== Assignment ==
Find every line in the data that contains the word "spatial". Return each of those lines.
====== The input ======
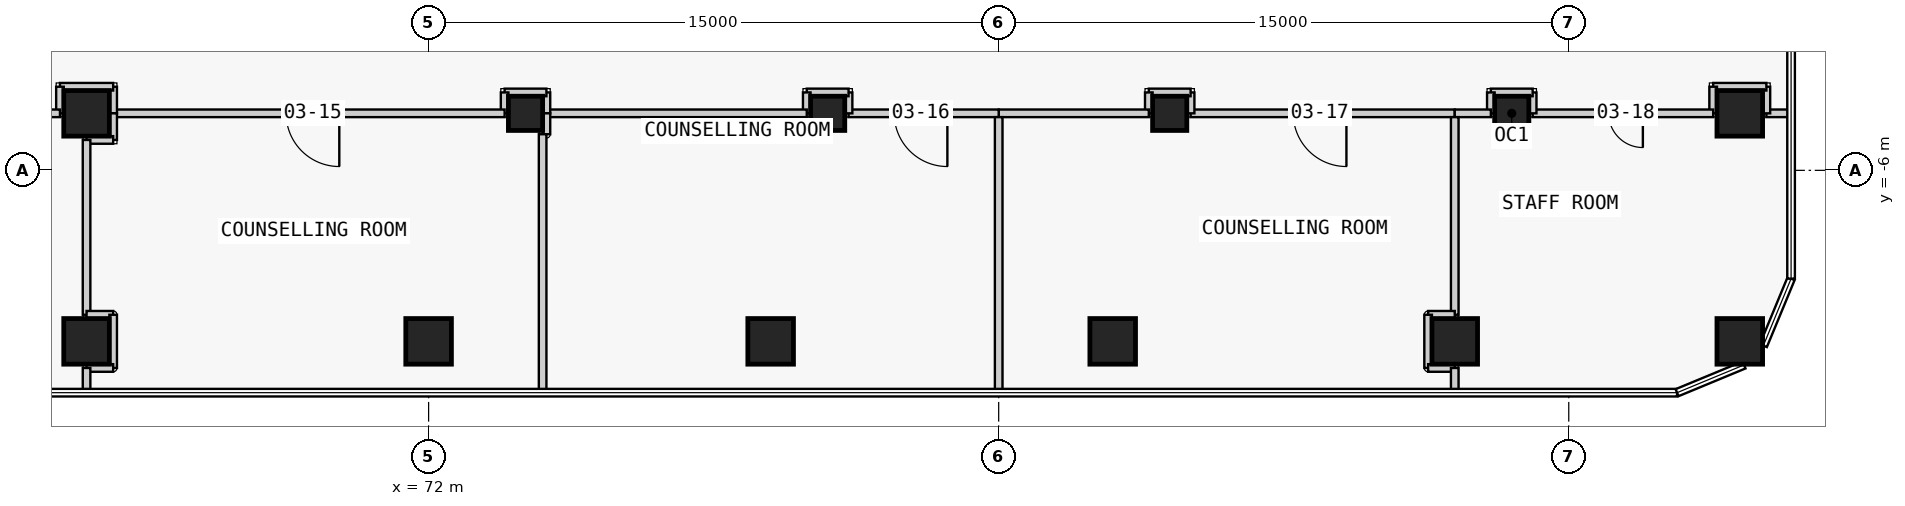
"""IFC4 building model, lengths in metres.
Left out: names, types, materials, properties, quantities, classifications, styles, units other than length and angle.
Written with IfcOpenShell. Run it as: python <this file> out.ifc"""

import sys

from ifc_helpers import new_model, si_unit, direction, frame, frame_2d, origin, origin_2d, place, context, subcontext, project, spatial, rectangle, extrude, element, fill, save


model = new_model("IFC4")
c1 = context("Model", 3, precision=1e-05, world=origin(), true_north=direction((0.0, 1.0)))
c2 = subcontext(c1, "Body", "Model", "MODEL_VIEW")
j1 = project(units=[si_unit("LENGTHUNIT", "METRE"), si_unit("PLANEANGLEUNIT", "RADIAN")], contexts=[c1])
p1 = place(None, origin())
s1 = spatial("IfcSite", under=j1, at=p1, CompositionType="ELEMENT")
p2 = place(p1, origin())
s2 = spatial("IfcBuilding", under=s1, at=p2, CompositionType="ELEMENT")
p3 = place(p2, frame((0.0, 0.0, 17.3)))
s3 = spatial("IfcBuildingStorey", under=s2, at=p3, CompositionType="ELEMENT", Elevation=17.3)
for number, where, z_axis, x_axis in (
    (1, (63.0, -10.5, 0.0), (0.0, 0.0, 1.0), (1.0, 0.0, 0.0)),
    (2, (63.0, -4.5, 0.0), (0.0, 0.0, 1.0), (1.0, 0.0, 0.0)),
    (3, (72.0, -10.5, 0.0), (0.0, 0.0, 1.0), (1.0, 0.0, 0.0)),
    (4, (81.0, -10.5, 0.0), (0.0, 0.0, 1.0), (1.0, 0.0, 0.0)),
    (5, (90.0, -10.5, 0.0), (0.0, 0.0, 1.0), (1.0, 0.0, 0.0)),
    (6, (99.0, -10.5, 0.0), (0.0, 0.0, 1.0), (1.0, 0.0, 0.0)),
    (7, (106.5, -10.5, 0.0), (0.0, 0.0, 1.0), (1.0, 0.0, 0.0)),
    (8, (106.5, -4.5, 0.0), (0.0, 0.0, 1.0), (1.0, 0.0, 0.0)),
):
    element("IfcColumn", number, at=place(p3, frame(where, z_axis=z_axis, x_axis=x_axis)), inside=s3, PredefinedType="COLUMN", context=c2, shape_type="SweptSolid", body=[
        extrude(rectangle(XDim=1.2, YDim=1.2, at=origin_2d()), origin(), (0.0, 0.0, 1.0), 4.5),
    ])
for number, where, z_axis, x_axis in (
    (9, (74.55, -4.5, 0.0), (0.0, 0.0, 1.0), (1.0, 0.0, 0.0)),
    (10, (82.5, -4.5, 0.0), (0.0, 0.0, 1.0), (1.0, 0.0, 0.0)),
    (11, (91.5, -4.5, 0.0), (0.0, 0.0, 1.0), (1.0, 0.0, 0.0)),
    (12, (100.5, -4.5, 0.0), (0.0, 0.0, 1.0), (1.0, 0.0, 0.0)),
):
    element("IfcColumn", number, at=place(p3, frame(where, z_axis=z_axis, x_axis=x_axis)), inside=s3, PredefinedType="COLUMN", context=c2, shape_type="SweptSolid", body=[
        extrude(rectangle(XDim=0.9, YDim=0.9, at=origin_2d()), origin(), (0.0, 0.0, 1.0), 4.5),
    ])
p4 = place(p3, frame((99.0, -4.5, 0.0), z_axis=(0.0, 0.0, 1.0), x_axis=(-1.0, 0.0, 0.0)))
e13 = element("IfcWall", 13, at=p4, inside=s3, PredefinedType="PARTITIONING", context=c2, shape_type="SweptSolid", body=[
    extrude(rectangle(XDim=6.95, YDim=0.2, at=frame_2d((3.475, 0.0))), origin(), (0.0, 0.0, 1.0), 4.15),
])
p5 = place(p4, frame((2.85, 0.0, 0.0)))
e14 = element("IfcOpeningElement", 14, at=p5, cuts=e13, PredefinedType="OPENING", context=c2, shape_type="SweptSolid", body=[
    extrude(rectangle(XDim=1.4, YDim=2.1, at=frame_2d((0.7, 1.05))), frame((0.0, 0.11, 0.0), z_axis=(0.0, -1.0, 0.0), x_axis=(1.0, 0.0, 0.0)), (0.0, 0.0, 1.0), 0.22),
])
p6 = place(p3, frame((92.05, -4.5, 0.0), z_axis=(0.0, 0.0, 1.0), x_axis=(0.0, 1.0, 0.0)))
e15 = element("IfcWall", 15, at=p6, inside=s3, PredefinedType="PARTITIONING", context=c2, shape_type="SweptSolid", body=[
    extrude(rectangle(XDim=0.55, YDim=0.2, at=frame_2d((0.275, 0.0))), origin(), (0.0, 0.0, 1.0), 4.15),
])
p7 = place(p3, frame((92.05, -3.95, 0.0), z_axis=(0.0, 0.0, 1.0), x_axis=(-1.0, 0.0, 0.0)))
e16 = element("IfcWall", 16, at=p7, inside=s3, PredefinedType="PARTITIONING", context=c2, shape_type="SweptSolid", body=[
    extrude(rectangle(XDim=1.1, YDim=0.2, at=frame_2d((0.55, 0.0))), origin(), (0.0, 0.0, 1.0), 4.15),
])
p8 = place(p3, frame((90.95, -3.95, 0.0), z_axis=(0.0, 0.0, 1.0), x_axis=(0.0, -1.0, 0.0)))
e17 = element("IfcWall", 17, at=p8, inside=s3, PredefinedType="PARTITIONING", context=c2, shape_type="SweptSolid", body=[
    extrude(rectangle(XDim=0.55, YDim=0.2, at=frame_2d((0.275, 0.0))), origin(), (0.0, 0.0, 1.0), 4.15),
])
p9 = place(p3, frame((90.95, -4.5, 0.0), z_axis=(0.0, 0.0, 1.0), x_axis=(-1.0, 0.0, 0.0)))
e18 = element("IfcWall", 18, at=p9, inside=s3, PredefinedType="PARTITIONING", context=c2, shape_type="SweptSolid", body=[
    extrude(rectangle(XDim=3.95, YDim=0.2, at=frame_2d((1.975, 0.0))), origin(), (0.0, 0.0, 1.0), 4.15),
])
p10 = place(p3, frame((87.0, -4.5, 0.0), z_axis=(0.0, 0.0, 1.0), x_axis=(-1.0, 0.0, 0.0)))
e19 = element("IfcWall", 19, at=p10, inside=s3, PredefinedType="PARTITIONING", context=c2, shape_type="SweptSolid", body=[
    extrude(rectangle(XDim=3.95, YDim=0.2, at=frame_2d((1.975, 0.0))), origin(), (0.0, 0.0, 1.0), 4.15),
])
p11 = place(p10, frame((1.35, 0.0, 0.0)))
e20 = element("IfcOpeningElement", 20, at=p11, cuts=e19, PredefinedType="OPENING", context=c2, shape_type="SweptSolid", body=[
    extrude(rectangle(XDim=1.4, YDim=2.1, at=frame_2d((0.7, 1.05))), frame((0.0, 0.11, 0.0), z_axis=(0.0, -1.0, 0.0), x_axis=(1.0, 0.0, 0.0)), (0.0, 0.0, 1.0), 0.22),
])
p12 = place(p3, frame((83.05, -4.5, 0.0), z_axis=(0.0, 0.0, 1.0), x_axis=(0.0, 1.0, 0.0)))
e21 = element("IfcWall", 21, at=p12, inside=s3, PredefinedType="PARTITIONING", context=c2, shape_type="SweptSolid", body=[
    extrude(rectangle(XDim=0.55, YDim=0.2, at=frame_2d((0.275, 0.0))), origin(), (0.0, 0.0, 1.0), 4.15),
])
p13 = place(p3, frame((83.05, -3.95, 0.0), z_axis=(0.0, 0.0, 1.0), x_axis=(-1.0, 0.0, 0.0)))
e22 = element("IfcWall", 22, at=p13, inside=s3, PredefinedType="PARTITIONING", context=c2, shape_type="SweptSolid", body=[
    extrude(rectangle(XDim=1.1, YDim=0.2, at=frame_2d((0.55, 0.0))), origin(), (0.0, 0.0, 1.0), 4.15),
])
p14 = place(p3, frame((81.95, -3.95, 0.0), z_axis=(0.0, 0.0, 1.0), x_axis=(0.0, -1.0, 0.0)))
e23 = element("IfcWall", 23, at=p14, inside=s3, PredefinedType="PARTITIONING", context=c2, shape_type="SweptSolid", body=[
    extrude(rectangle(XDim=0.55, YDim=0.2, at=frame_2d((0.275, 0.0))), origin(), (0.0, 0.0, 1.0), 4.15),
])
p15 = place(p3, frame((81.95, -4.5, 0.0), z_axis=(0.0, 0.0, 1.0), x_axis=(-1.0, 0.0, 0.0)))
e24 = element("IfcWall", 24, at=p15, inside=s3, PredefinedType="PARTITIONING", context=c2, shape_type="SweptSolid", body=[
    extrude(rectangle(XDim=6.85, YDim=0.2, at=frame_2d((3.425, 0.0))), origin(), (0.0, 0.0, 1.0), 4.15),
])
p16 = place(p3, frame((75.1, -4.5, 0.0), z_axis=(0.0, 0.0, 1.0), x_axis=(0.0, 1.0, 0.0)))
e25 = element("IfcWall", 25, at=p16, inside=s3, PredefinedType="PARTITIONING", context=c2, shape_type="SweptSolid", body=[
    extrude(rectangle(XDim=0.55, YDim=0.2, at=frame_2d((0.275, 0.0))), origin(), (0.0, 0.0, 1.0), 4.15),
])
p17 = place(p3, frame((75.1, -3.95, 0.0), z_axis=(0.0, 0.0, 1.0), x_axis=(-1.0, 0.0, 0.0)))
e26 = element("IfcWall", 26, at=p17, inside=s3, PredefinedType="PARTITIONING", context=c2, shape_type="SweptSolid", body=[
    extrude(rectangle(XDim=1.1, YDim=0.2, at=frame_2d((0.55, 0.0))), origin(), (0.0, 0.0, 1.0), 4.15),
])
p18 = place(p3, frame((74.0, -3.95, 0.0), z_axis=(0.0, 0.0, 1.0), x_axis=(0.0, -1.0, 0.0)))
e27 = element("IfcWall", 27, at=p18, inside=s3, PredefinedType="PARTITIONING", context=c2, shape_type="SweptSolid", body=[
    extrude(rectangle(XDim=0.55, YDim=0.2, at=frame_2d((0.275, 0.0))), origin(), (0.0, 0.0, 1.0), 4.15),
])
p19 = place(p3, frame((74.0, -4.5, 0.0), z_axis=(0.0, 0.0, 1.0), x_axis=(-1.0, 0.0, 0.0)))
e28 = element("IfcWall", 28, at=p19, inside=s3, PredefinedType="PARTITIONING", context=c2, shape_type="SweptSolid", body=[
    extrude(rectangle(XDim=10.3, YDim=0.2, at=frame_2d((5.15, 0.0))), origin(), (0.0, 0.0, 1.0), 4.15),
])
p20 = place(p19, frame((4.35, 0.0, 0.0)))
e29 = element("IfcOpeningElement", 29, at=p20, cuts=e28, PredefinedType="OPENING", context=c2, shape_type="SweptSolid", body=[
    extrude(rectangle(XDim=1.4, YDim=2.1, at=frame_2d((0.7, 1.05))), frame((0.0, 0.11, 0.0), z_axis=(0.0, -1.0, 0.0), x_axis=(1.0, 0.0, 0.0)), (0.0, 0.0, 1.0), 0.22),
])
p21 = place(p3, frame((107.85, -4.5, 0.0), z_axis=(0.0, 0.0, 1.0), x_axis=(-1.0, 0.0, 0.0)))
e30 = element("IfcWall", 30, at=p21, inside=s3, PredefinedType="PARTITIONING", context=c2, shape_type="SweptSolid", body=[
    extrude(rectangle(XDim=0.65, YDim=0.2, at=frame_2d((0.325, 0.0))), origin(), (0.0, 0.0, 1.0), 4.15),
])
p22 = place(p3, frame((107.2, -4.5, 0.0), z_axis=(0.0, 0.0, 1.0), x_axis=(0.0, 1.0, 0.0)))
e31 = element("IfcWall", 31, at=p22, inside=s3, PredefinedType="PARTITIONING", context=c2, shape_type="SweptSolid", body=[
    extrude(rectangle(XDim=0.7, YDim=0.2, at=frame_2d((0.35, 0.0))), origin(), (0.0, 0.0, 1.0), 4.15),
])
p23 = place(p3, frame((107.2, -3.8, 0.0), z_axis=(0.0, 0.0, 1.0), x_axis=(-1.0, 0.0, 0.0)))
e32 = element("IfcWall", 32, at=p23, inside=s3, PredefinedType="PARTITIONING", context=c2, shape_type="SweptSolid", body=[
    extrude(rectangle(XDim=1.4, YDim=0.2, at=frame_2d((0.7, 0.0))), origin(), (0.0, 0.0, 1.0), 4.15),
])
p24 = place(p3, frame((105.8, -3.8, 0.0), z_axis=(0.0, 0.0, 1.0), x_axis=(0.0, -1.0, 0.0)))
e33 = element("IfcWall", 33, at=p24, inside=s3, PredefinedType="PARTITIONING", context=c2, shape_type="SweptSolid", body=[
    extrude(rectangle(XDim=0.7, YDim=0.2, at=frame_2d((0.35, 0.0))), origin(), (0.0, 0.0, 1.0), 4.15),
])
p25 = place(p3, frame((105.8, -4.5, 0.0), z_axis=(0.0, 0.0, 1.0), x_axis=(-1.0, 0.0, 0.0)))
e34 = element("IfcWall", 34, at=p25, inside=s3, PredefinedType="PARTITIONING", context=c2, shape_type="SweptSolid", body=[
    extrude(rectangle(XDim=4.75, YDim=0.2, at=frame_2d((2.375, 0.0))), origin(), (0.0, 0.0, 1.0), 4.15),
])
p26 = place(p25, frame((1.85, 0.0, 0.0)))
e35 = element("IfcOpeningElement", 35, at=p26, cuts=e34, PredefinedType="OPENING", context=c2, shape_type="SweptSolid", body=[
    extrude(rectangle(XDim=0.9, YDim=2.1, at=frame_2d((0.45, 1.05))), frame((0.0, 0.11, 0.0), z_axis=(0.0, -1.0, 0.0), x_axis=(1.0, 0.0, 0.0)), (0.0, 0.0, 1.0), 0.22),
])
p27 = place(p3, frame((101.05, -4.5, 0.0), z_axis=(0.0, 0.0, 1.0), x_axis=(0.0, 1.0, 0.0)))
e36 = element("IfcWall", 36, at=p27, inside=s3, PredefinedType="PARTITIONING", context=c2, shape_type="SweptSolid", body=[
    extrude(rectangle(XDim=0.55, YDim=0.2, at=frame_2d((0.275, 0.0))), origin(), (0.0, 0.0, 1.0), 4.15),
])
p28 = place(p3, frame((101.05, -3.95, 0.0), z_axis=(0.0, 0.0, 1.0), x_axis=(-1.0, 0.0, 0.0)))
e37 = element("IfcWall", 37, at=p28, inside=s3, PredefinedType="PARTITIONING", context=c2, shape_type="SweptSolid", body=[
    extrude(rectangle(XDim=1.1, YDim=0.2, at=frame_2d((0.55, 0.0))), origin(), (0.0, 0.0, 1.0), 4.15),
])
p29 = place(p3, frame((99.95, -3.95, 0.0), z_axis=(0.0, 0.0, 1.0), x_axis=(0.0, -1.0, 0.0)))
e38 = element("IfcWall", 38, at=p29, inside=s3, PredefinedType="PARTITIONING", context=c2, shape_type="SweptSolid", body=[
    extrude(rectangle(XDim=0.55, YDim=0.2, at=frame_2d((0.275, 0.0))), origin(), (0.0, 0.0, 1.0), 4.15),
])
p30 = place(p3, frame((99.95, -4.5, 0.0), z_axis=(0.0, 0.0, 1.0), x_axis=(-1.0, 0.0, 0.0)))
e39 = element("IfcWall", 39, at=p30, inside=s3, PredefinedType="PARTITIONING", context=c2, shape_type="SweptSolid", body=[
    extrude(rectangle(XDim=0.95, YDim=0.2, at=frame_2d((0.475, 0.0))), origin(), (0.0, 0.0, 1.0), 4.15),
])
p31 = place(p3, frame((63.7, -4.5, 0.0), z_axis=(0.0, 0.0, 1.0), x_axis=(0.0, 1.0, 0.0)))
e40 = element("IfcWall", 40, at=p31, inside=s3, PredefinedType="PARTITIONING", context=c2, shape_type="SweptSolid", body=[
    extrude(rectangle(XDim=0.7, YDim=0.2, at=frame_2d((0.35, 0.0))), origin(), (0.0, 0.0, 1.0), 4.15),
])
p32 = place(p3, frame((63.7, -3.8, 0.0), z_axis=(0.0, 0.0, 1.0), x_axis=(-1.0, 0.0, 0.0)))
e41 = element("IfcWall", 41, at=p32, inside=s3, PredefinedType="PARTITIONING", context=c2, shape_type="SweptSolid", body=[
    extrude(rectangle(XDim=1.4, YDim=0.2, at=frame_2d((0.7, 0.0))), origin(), (0.0, 0.0, 1.0), 4.15),
])
p33 = place(p3, frame((62.3, -3.8, 0.0), z_axis=(0.0, 0.0, 1.0), x_axis=(0.0, -1.0, 0.0)))
e42 = element("IfcWall", 42, at=p33, inside=s3, PredefinedType="PARTITIONING", context=c2, shape_type="SweptSolid", body=[
    extrude(rectangle(XDim=0.7, YDim=0.2, at=frame_2d((0.35, 0.0))), origin(), (0.0, 0.0, 1.0), 4.15),
])
p34 = place(p3, frame((62.3, -4.5, 0.0), z_axis=(0.0, 0.0, 1.0), x_axis=(-1.0, 0.0, 0.0)))
e43 = element("IfcWall", 43, at=p34, inside=s3, PredefinedType="PARTITIONING", context=c2, shape_type="SweptSolid", body=[
    extrude(rectangle(XDim=7.6, YDim=0.2, at=frame_2d((3.8, 0.0))), origin(), (0.0, 0.0, 1.0), 4.15),
])
p35 = place(p34, frame((3.1, 0.0, 0.0)))
e44 = element("IfcOpeningElement", 44, at=p35, cuts=e43, PredefinedType="OPENING", context=c2, shape_type="SweptSolid", body=[
    extrude(rectangle(XDim=1.4, YDim=2.1, at=frame_2d((0.7, 1.05))), frame((0.0, 0.11, 0.0), z_axis=(0.0, -1.0, 0.0), x_axis=(1.0, 0.0, 0.0)), (0.0, 0.0, 1.0), 0.22),
])
for number, where, z_axis, x_axis in (
    (45, (63.7, -4.5, 0.0), (0.0, 0.0, 1.0), (0.0, -1.0, 0.0)),
    (46, (63.7, -5.2, 0.0), (0.0, 0.0, 1.0), (-1.0, 0.0, 0.0)),
):
    element("IfcWall", number, at=place(p3, frame(where, z_axis=z_axis, x_axis=x_axis)), inside=s3, PredefinedType="PARTITIONING", context=c2, shape_type="SweptSolid", body=[
        extrude(rectangle(XDim=0.7, YDim=0.2, at=frame_2d((0.35, 0.0))), origin(), (0.0, 0.0, 1.0), 4.15),
    ])
p36 = place(p3, frame((63.0, -5.2, 0.0), z_axis=(0.0, 0.0, 1.0), x_axis=(0.0, -1.0, 0.0)))
e47 = element("IfcWall", 47, at=p36, inside=s3, PredefinedType="PARTITIONING", context=c2, shape_type="SweptSolid", body=[
    extrude(rectangle(XDim=4.6, YDim=0.2, at=frame_2d((2.3, 0.0))), origin(), (0.0, 0.0, 1.0), 4.15),
])
p37 = place(p3, frame((63.0, -9.8, 0.0), z_axis=(0.0, 0.0, 1.0), x_axis=(1.0, 0.0, 0.0)))
e48 = element("IfcWall", 48, at=p37, inside=s3, PredefinedType="PARTITIONING", context=c2, shape_type="SweptSolid", body=[
    extrude(rectangle(XDim=0.7, YDim=0.2, at=frame_2d((0.35, 0.0))), origin(), (0.0, 0.0, 1.0), 4.15),
])
p38 = place(p3, frame((63.7, -9.8, 0.0), z_axis=(0.0, 0.0, 1.0), x_axis=(0.0, -1.0, 0.0)))
e49 = element("IfcWall", 49, at=p38, inside=s3, PredefinedType="PARTITIONING", context=c2, shape_type="SweptSolid", body=[
    extrude(rectangle(XDim=1.4, YDim=0.2, at=frame_2d((0.7, 0.0))), origin(), (0.0, 0.0, 1.0), 4.15),
])
p39 = place(p3, frame((63.7, -11.2, 0.0), z_axis=(0.0, 0.0, 1.0), x_axis=(-1.0, 0.0, 0.0)))
e50 = element("IfcWall", 50, at=p39, inside=s3, PredefinedType="PARTITIONING", context=c2, shape_type="SweptSolid", body=[
    extrude(rectangle(XDim=0.7, YDim=0.2, at=frame_2d((0.35, 0.0))), origin(), (0.0, 0.0, 1.0), 4.15),
])
p40 = place(p3, frame((63.0, -11.2, 0.0), z_axis=(0.0, 0.0, 1.0), x_axis=(0.0, -1.0, 0.0)))
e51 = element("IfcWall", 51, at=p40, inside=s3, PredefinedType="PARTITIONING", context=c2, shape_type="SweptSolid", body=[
======
== Reply ==
from ifc_helpers import new_model, si_unit, direction, frame, frame_2d, origin, origin_2d, place, context, subcontext, project, spatial, rectangle, extrude, element, fill, save
s1 = spatial("IfcSite", under=j1, at=p1, CompositionType="ELEMENT")
s2 = spatial("IfcBuilding", under=s1, at=p2, CompositionType="ELEMENT")
s3 = spatial("IfcBuildingStorey", under=s2, at=p3, CompositionType="ELEMENT", Elevation=17.3)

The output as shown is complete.